PROBLEM TO WORK ON – Locate every line below that contains the word "IfcWindow" and copy it.

=== Section Start ===

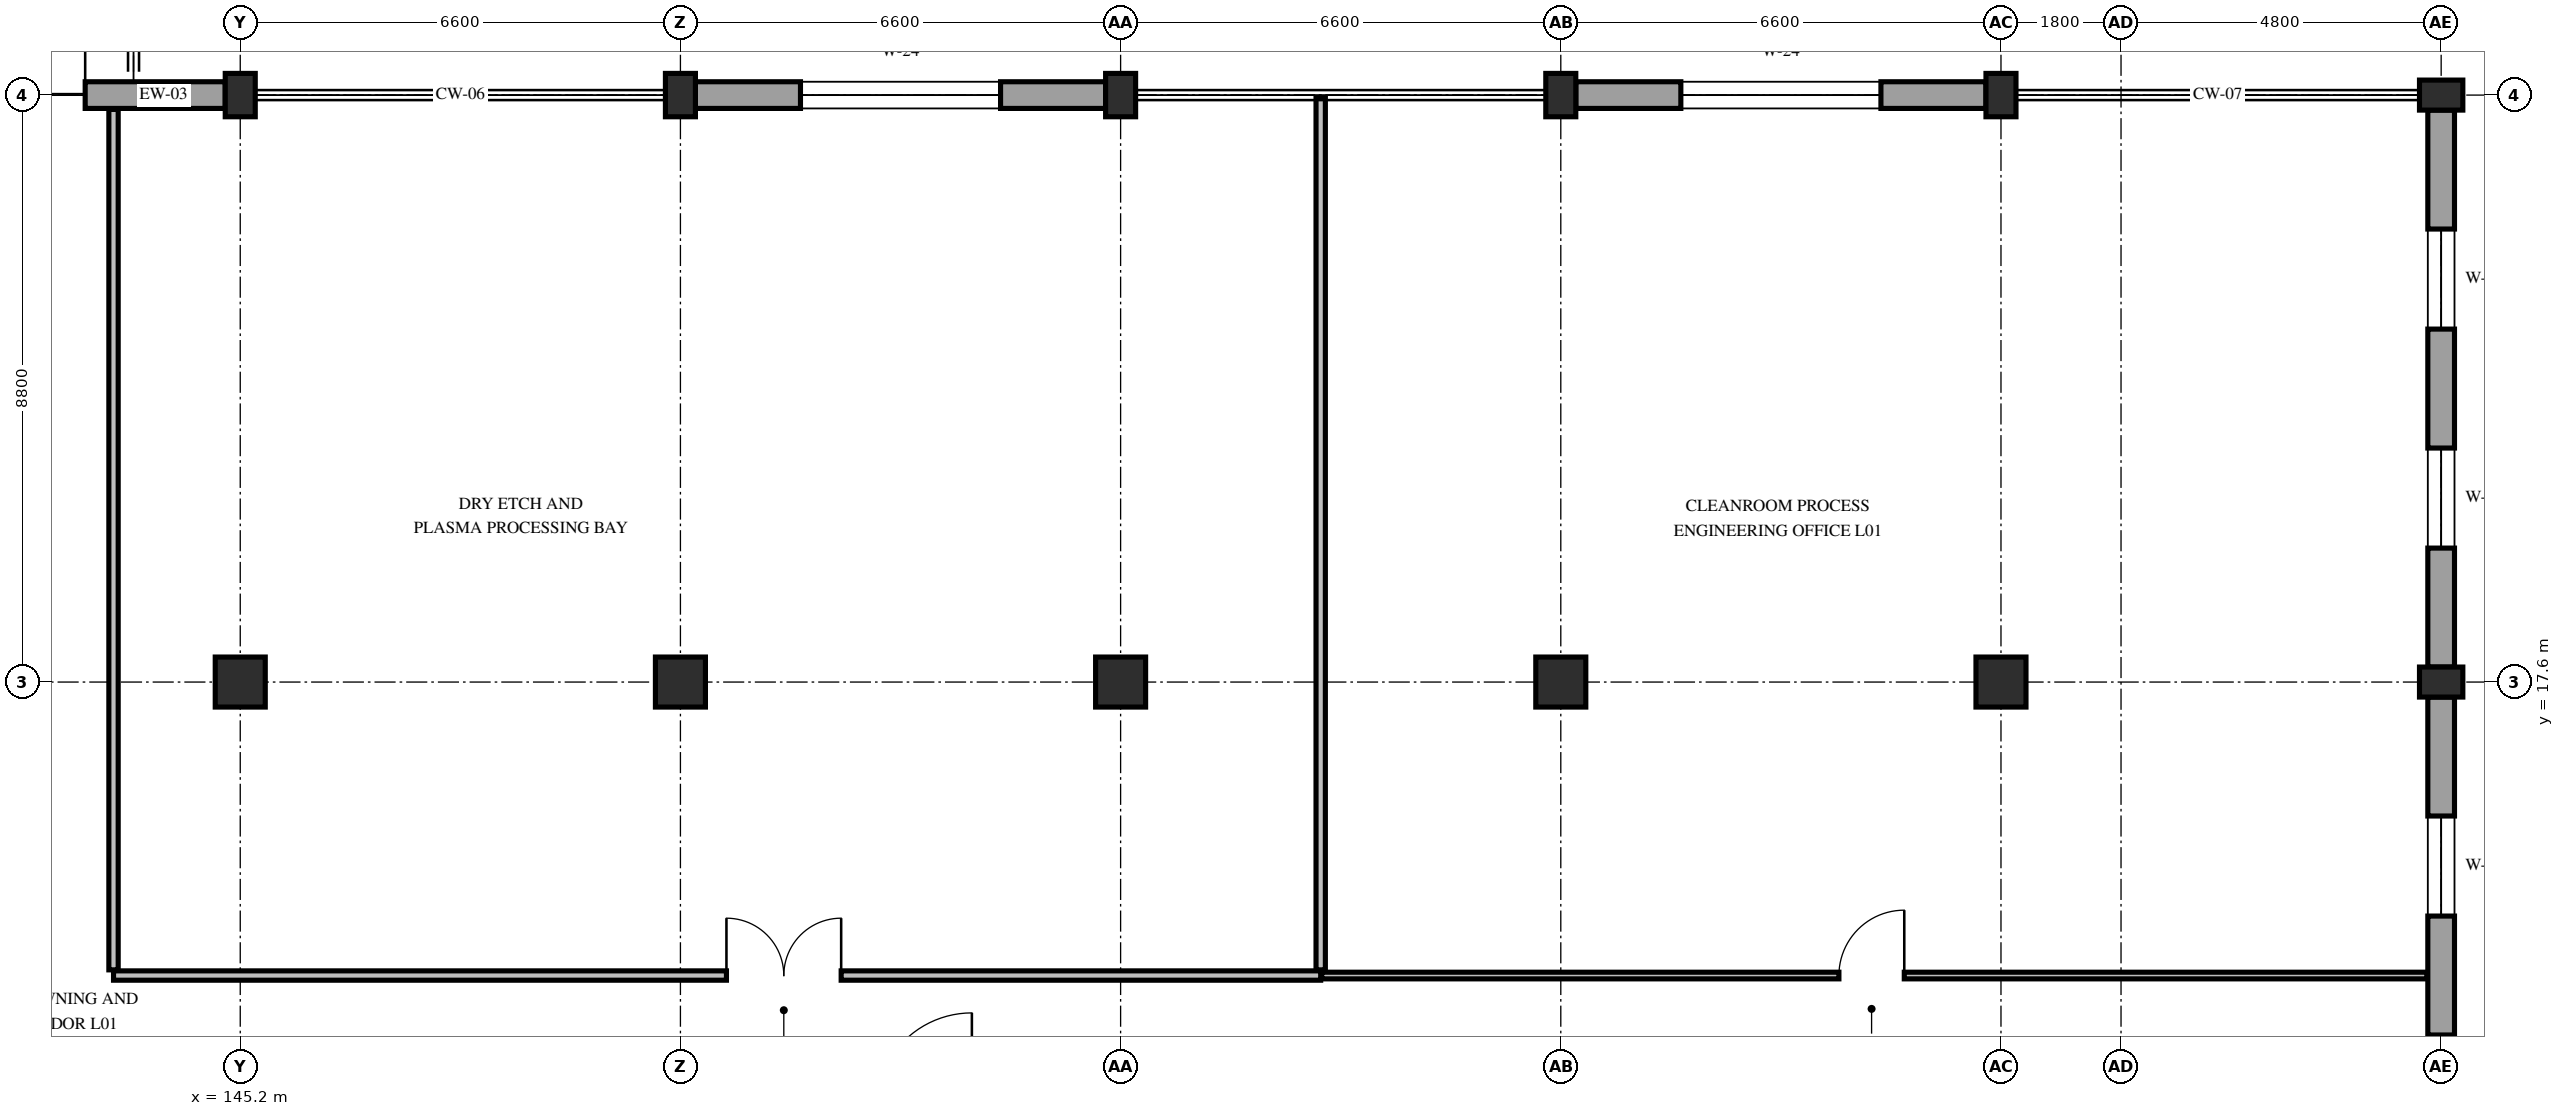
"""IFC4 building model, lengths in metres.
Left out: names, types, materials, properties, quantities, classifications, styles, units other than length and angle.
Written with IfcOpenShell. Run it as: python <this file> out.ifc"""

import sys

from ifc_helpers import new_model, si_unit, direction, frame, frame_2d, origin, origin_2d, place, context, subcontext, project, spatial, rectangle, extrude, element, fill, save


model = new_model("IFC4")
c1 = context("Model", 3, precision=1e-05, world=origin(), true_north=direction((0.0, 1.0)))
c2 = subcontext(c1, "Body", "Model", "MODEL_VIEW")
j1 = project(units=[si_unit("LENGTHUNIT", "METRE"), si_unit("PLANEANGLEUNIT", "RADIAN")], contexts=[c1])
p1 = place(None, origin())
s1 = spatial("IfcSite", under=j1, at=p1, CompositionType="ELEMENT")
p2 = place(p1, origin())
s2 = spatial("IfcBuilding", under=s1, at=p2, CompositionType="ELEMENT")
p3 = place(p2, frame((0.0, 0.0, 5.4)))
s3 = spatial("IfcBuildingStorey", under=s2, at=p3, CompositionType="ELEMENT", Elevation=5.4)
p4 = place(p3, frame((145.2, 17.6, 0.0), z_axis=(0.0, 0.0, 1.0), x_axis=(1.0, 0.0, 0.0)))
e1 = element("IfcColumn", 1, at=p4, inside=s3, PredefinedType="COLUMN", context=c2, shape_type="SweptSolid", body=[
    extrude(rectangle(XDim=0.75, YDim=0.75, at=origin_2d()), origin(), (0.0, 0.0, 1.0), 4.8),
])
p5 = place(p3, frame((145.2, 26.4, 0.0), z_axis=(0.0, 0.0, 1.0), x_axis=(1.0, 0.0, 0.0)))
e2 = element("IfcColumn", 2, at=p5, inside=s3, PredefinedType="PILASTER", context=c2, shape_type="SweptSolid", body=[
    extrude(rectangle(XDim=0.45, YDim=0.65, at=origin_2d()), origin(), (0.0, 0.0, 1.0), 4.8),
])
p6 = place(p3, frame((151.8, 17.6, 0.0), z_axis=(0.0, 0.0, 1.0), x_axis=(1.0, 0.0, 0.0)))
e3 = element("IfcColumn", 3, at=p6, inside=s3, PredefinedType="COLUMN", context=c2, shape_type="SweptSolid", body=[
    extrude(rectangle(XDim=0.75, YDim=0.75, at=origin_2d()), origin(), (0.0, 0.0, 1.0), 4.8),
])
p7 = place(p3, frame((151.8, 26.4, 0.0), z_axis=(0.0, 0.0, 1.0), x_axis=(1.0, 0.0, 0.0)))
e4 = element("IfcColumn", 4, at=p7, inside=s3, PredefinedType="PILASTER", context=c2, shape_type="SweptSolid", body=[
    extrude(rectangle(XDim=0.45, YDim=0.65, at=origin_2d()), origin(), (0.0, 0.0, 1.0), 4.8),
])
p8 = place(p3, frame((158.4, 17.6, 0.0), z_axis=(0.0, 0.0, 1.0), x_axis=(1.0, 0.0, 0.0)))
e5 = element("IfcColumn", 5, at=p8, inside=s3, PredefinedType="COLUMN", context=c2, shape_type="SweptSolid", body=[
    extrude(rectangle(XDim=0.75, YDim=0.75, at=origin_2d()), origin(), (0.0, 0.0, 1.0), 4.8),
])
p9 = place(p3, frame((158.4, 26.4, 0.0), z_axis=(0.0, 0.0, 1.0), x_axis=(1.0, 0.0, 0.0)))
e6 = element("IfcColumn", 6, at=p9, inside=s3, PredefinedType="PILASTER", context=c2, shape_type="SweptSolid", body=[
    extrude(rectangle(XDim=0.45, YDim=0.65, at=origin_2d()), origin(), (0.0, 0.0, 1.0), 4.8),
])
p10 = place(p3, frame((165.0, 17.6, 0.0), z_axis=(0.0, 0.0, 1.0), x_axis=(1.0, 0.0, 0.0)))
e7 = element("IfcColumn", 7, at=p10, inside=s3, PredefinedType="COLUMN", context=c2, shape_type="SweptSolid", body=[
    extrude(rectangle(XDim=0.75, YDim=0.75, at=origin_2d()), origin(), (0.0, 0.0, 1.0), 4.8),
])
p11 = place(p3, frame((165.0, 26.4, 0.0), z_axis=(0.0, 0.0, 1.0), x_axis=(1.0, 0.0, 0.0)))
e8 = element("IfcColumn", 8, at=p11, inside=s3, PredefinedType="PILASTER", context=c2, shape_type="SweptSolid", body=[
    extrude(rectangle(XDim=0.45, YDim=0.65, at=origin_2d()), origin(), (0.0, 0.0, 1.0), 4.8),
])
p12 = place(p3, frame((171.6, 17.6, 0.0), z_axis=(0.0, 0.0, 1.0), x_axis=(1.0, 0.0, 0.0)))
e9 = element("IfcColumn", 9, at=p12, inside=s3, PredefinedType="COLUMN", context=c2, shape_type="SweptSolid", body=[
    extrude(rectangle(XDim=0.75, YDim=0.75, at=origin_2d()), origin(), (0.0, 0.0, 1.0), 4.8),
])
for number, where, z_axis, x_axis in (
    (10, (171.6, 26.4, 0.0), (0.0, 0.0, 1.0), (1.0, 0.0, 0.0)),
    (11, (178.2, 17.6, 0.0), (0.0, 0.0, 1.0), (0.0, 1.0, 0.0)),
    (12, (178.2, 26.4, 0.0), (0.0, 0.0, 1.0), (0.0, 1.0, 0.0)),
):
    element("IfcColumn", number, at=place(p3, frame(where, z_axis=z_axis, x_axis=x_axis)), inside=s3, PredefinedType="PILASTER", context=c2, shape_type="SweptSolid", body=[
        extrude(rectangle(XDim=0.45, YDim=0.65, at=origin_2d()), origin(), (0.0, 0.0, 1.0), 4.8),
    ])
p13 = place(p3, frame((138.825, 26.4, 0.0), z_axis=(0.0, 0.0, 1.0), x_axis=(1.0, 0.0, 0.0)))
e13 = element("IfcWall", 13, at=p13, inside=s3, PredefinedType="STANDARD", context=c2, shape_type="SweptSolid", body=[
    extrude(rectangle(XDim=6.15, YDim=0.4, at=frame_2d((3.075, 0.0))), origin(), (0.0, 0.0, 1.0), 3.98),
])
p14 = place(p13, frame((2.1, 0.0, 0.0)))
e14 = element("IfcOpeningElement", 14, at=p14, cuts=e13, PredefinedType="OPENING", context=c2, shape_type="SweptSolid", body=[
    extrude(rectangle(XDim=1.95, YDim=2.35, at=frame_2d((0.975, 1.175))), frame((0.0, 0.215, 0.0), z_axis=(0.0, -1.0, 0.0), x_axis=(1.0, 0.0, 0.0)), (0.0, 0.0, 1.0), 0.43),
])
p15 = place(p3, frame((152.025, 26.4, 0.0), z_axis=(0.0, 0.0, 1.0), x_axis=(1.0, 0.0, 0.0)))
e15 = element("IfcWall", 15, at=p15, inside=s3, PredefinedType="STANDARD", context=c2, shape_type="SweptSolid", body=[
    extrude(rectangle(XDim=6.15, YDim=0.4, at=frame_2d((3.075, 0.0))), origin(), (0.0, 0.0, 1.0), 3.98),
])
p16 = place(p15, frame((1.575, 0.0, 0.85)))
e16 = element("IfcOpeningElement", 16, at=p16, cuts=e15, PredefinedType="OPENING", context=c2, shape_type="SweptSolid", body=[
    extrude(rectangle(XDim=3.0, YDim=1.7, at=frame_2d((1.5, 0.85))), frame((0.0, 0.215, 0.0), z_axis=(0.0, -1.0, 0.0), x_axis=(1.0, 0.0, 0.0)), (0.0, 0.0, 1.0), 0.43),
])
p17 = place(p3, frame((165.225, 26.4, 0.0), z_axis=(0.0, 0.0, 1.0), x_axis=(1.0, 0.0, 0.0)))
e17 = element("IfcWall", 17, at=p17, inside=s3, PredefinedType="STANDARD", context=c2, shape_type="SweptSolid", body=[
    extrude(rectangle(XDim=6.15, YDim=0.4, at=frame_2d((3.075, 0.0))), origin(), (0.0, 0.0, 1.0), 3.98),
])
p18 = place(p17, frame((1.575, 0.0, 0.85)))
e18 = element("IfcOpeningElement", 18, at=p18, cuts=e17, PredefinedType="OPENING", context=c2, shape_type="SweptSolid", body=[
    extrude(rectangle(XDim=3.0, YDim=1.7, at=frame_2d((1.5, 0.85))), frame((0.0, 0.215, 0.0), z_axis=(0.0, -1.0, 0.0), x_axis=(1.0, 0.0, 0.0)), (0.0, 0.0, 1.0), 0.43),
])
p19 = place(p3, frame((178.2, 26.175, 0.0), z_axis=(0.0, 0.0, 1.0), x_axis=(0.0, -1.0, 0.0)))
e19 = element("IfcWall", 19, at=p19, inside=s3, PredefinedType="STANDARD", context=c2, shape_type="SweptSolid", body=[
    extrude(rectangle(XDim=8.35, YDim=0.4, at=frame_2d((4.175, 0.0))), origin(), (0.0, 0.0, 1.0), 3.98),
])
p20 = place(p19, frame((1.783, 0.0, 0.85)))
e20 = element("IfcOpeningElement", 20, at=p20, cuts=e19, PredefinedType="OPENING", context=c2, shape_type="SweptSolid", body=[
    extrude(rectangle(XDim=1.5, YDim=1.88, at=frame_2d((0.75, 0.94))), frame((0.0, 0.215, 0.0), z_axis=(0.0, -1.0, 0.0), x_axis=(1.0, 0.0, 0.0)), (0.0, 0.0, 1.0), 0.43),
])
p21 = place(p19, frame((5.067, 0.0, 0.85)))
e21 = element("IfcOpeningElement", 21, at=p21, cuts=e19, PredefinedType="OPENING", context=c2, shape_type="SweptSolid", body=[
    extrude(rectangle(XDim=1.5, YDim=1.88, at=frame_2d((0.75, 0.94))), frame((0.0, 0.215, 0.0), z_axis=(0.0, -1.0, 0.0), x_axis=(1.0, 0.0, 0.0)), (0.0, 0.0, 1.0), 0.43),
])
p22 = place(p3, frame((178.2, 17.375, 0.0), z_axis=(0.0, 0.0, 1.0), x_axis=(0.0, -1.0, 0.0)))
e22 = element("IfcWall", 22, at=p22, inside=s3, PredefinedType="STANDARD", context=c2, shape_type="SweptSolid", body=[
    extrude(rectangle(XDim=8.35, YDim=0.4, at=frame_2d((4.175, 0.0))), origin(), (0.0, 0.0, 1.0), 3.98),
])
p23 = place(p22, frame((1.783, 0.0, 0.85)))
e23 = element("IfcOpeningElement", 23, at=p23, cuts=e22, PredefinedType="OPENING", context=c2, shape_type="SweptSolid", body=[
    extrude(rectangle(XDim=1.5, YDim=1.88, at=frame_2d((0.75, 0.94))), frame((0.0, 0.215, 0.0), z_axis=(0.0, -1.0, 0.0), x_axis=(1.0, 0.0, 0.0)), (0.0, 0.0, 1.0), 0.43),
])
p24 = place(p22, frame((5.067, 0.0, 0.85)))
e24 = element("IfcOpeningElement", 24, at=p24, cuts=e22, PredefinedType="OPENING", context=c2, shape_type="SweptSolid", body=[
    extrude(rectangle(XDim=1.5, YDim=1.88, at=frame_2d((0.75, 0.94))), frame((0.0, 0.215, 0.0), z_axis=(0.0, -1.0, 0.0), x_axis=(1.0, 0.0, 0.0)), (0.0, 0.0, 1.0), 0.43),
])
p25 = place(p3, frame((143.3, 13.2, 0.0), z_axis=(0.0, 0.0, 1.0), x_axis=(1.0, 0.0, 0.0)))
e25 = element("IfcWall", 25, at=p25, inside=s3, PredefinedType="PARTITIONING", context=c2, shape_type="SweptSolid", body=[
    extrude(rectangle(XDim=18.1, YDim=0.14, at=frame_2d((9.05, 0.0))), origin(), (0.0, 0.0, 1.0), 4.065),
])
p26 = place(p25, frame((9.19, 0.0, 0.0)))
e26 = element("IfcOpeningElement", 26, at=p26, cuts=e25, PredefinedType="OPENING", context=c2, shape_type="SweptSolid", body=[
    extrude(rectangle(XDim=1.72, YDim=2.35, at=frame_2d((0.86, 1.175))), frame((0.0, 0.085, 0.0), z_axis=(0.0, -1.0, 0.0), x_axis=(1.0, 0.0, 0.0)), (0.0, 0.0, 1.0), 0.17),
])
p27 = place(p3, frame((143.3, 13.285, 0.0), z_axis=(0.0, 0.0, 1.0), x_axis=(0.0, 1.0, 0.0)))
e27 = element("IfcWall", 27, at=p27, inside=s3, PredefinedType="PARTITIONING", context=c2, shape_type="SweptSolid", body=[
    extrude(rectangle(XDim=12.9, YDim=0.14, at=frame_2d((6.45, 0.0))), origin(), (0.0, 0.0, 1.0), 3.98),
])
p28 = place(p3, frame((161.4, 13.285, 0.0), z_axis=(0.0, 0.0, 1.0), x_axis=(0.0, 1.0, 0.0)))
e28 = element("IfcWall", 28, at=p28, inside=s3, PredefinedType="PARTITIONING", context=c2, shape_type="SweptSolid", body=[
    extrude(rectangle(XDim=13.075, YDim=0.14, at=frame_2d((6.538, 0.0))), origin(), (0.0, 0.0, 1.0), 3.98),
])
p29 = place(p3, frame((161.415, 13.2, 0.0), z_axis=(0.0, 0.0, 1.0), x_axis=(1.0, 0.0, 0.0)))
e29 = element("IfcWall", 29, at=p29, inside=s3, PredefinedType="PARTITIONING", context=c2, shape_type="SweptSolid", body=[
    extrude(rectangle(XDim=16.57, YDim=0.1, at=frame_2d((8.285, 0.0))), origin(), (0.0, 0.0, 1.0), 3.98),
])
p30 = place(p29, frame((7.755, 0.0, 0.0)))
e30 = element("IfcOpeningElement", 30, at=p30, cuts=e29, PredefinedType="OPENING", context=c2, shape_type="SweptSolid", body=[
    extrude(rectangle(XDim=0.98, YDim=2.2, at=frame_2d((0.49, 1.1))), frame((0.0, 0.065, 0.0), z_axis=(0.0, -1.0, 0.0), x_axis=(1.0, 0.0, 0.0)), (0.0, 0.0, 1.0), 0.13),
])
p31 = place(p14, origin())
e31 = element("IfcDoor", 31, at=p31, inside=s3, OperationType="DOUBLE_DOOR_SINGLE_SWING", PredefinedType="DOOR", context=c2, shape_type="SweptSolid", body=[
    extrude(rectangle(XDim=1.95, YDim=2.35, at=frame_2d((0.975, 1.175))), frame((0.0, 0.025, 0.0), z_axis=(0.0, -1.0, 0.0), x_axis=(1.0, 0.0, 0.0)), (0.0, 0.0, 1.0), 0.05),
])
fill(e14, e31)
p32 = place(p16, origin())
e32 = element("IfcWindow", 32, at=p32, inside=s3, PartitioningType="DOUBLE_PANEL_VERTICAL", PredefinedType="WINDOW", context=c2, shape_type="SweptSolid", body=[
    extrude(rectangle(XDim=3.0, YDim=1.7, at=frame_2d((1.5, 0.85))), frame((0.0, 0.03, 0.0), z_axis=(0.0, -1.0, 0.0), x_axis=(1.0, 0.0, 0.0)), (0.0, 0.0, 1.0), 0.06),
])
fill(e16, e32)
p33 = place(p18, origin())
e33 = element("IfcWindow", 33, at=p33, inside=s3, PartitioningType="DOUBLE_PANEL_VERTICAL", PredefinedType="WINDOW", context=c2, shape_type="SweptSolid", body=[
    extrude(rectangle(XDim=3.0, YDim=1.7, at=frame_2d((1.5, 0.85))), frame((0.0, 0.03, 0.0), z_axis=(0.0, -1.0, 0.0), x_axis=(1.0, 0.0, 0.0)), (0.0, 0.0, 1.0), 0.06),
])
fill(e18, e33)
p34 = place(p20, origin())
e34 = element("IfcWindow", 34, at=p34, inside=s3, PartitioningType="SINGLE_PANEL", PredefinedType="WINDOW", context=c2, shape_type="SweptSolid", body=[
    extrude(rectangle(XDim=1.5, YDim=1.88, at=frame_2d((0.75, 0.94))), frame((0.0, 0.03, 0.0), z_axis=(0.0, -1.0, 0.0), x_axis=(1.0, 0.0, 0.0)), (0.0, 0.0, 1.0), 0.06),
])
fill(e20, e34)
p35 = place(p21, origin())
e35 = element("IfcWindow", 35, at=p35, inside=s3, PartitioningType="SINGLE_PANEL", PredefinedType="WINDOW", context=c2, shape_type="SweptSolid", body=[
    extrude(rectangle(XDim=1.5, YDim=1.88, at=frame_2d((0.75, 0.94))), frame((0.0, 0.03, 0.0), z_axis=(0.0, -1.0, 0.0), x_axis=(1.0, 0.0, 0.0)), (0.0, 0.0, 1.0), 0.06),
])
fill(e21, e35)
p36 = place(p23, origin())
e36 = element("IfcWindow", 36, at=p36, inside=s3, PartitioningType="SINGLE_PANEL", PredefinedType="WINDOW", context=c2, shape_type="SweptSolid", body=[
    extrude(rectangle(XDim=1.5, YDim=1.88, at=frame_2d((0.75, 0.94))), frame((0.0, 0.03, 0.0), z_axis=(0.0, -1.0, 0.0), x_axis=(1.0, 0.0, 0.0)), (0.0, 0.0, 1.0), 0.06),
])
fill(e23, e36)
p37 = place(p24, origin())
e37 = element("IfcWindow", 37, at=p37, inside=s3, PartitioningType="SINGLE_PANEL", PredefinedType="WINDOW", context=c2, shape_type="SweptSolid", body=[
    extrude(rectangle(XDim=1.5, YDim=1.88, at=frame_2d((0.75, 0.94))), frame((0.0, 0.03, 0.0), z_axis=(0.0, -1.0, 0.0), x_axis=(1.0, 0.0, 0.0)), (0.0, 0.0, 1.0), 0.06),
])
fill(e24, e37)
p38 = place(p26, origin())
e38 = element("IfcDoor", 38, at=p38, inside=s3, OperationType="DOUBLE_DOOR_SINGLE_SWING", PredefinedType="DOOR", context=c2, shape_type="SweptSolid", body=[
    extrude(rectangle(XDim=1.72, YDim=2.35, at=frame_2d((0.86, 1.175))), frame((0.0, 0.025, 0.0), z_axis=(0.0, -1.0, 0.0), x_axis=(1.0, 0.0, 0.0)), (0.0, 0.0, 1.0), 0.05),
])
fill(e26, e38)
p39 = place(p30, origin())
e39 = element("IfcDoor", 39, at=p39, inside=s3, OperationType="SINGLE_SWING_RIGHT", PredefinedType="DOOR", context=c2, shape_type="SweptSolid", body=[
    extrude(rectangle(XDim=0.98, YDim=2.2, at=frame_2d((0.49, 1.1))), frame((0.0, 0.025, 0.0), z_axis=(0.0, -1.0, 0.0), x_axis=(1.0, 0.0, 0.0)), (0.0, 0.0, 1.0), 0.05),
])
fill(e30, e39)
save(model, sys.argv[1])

=== Section End ===

TASK OUTPUT –
e32 = element("IfcWindow", 32, at=p32, inside=s3, PartitioningType="DOUBLE_PANEL_VERTICAL", PredefinedType="WINDOW", context=c2, shape_type="SweptSolid", body=[
e33 = element("IfcWindow", 33, at=p33, inside=s3, PartitioningType="DOUBLE_PANEL_VERTICAL", PredefinedType="WINDOW", context=c2, shape_type="SweptSolid", body=[
e34 = element("IfcWindow", 34, at=p34, inside=s3, PartitioningType="SINGLE_PANEL", PredefinedType="WINDOW", context=c2, shape_type="SweptSolid", body=[
e35 = element("IfcWindow", 35, at=p35, inside=s3, PartitioningType="SINGLE_PANEL", PredefinedType="WINDOW", context=c2, shape_type="SweptSolid", body=[
e36 = element("IfcWindow", 36, at=p36, inside=s3, PartitioningType="SINGLE_PANEL", PredefinedType="WINDOW", context=c2, shape_type="SweptSolid", body=[
e37 = element("IfcWindow", 37, at=p37, inside=s3, PartitioningType="SINGLE_PANEL", PredefinedType="WINDOW", context=c2, shape_type="SweptSolid", body=[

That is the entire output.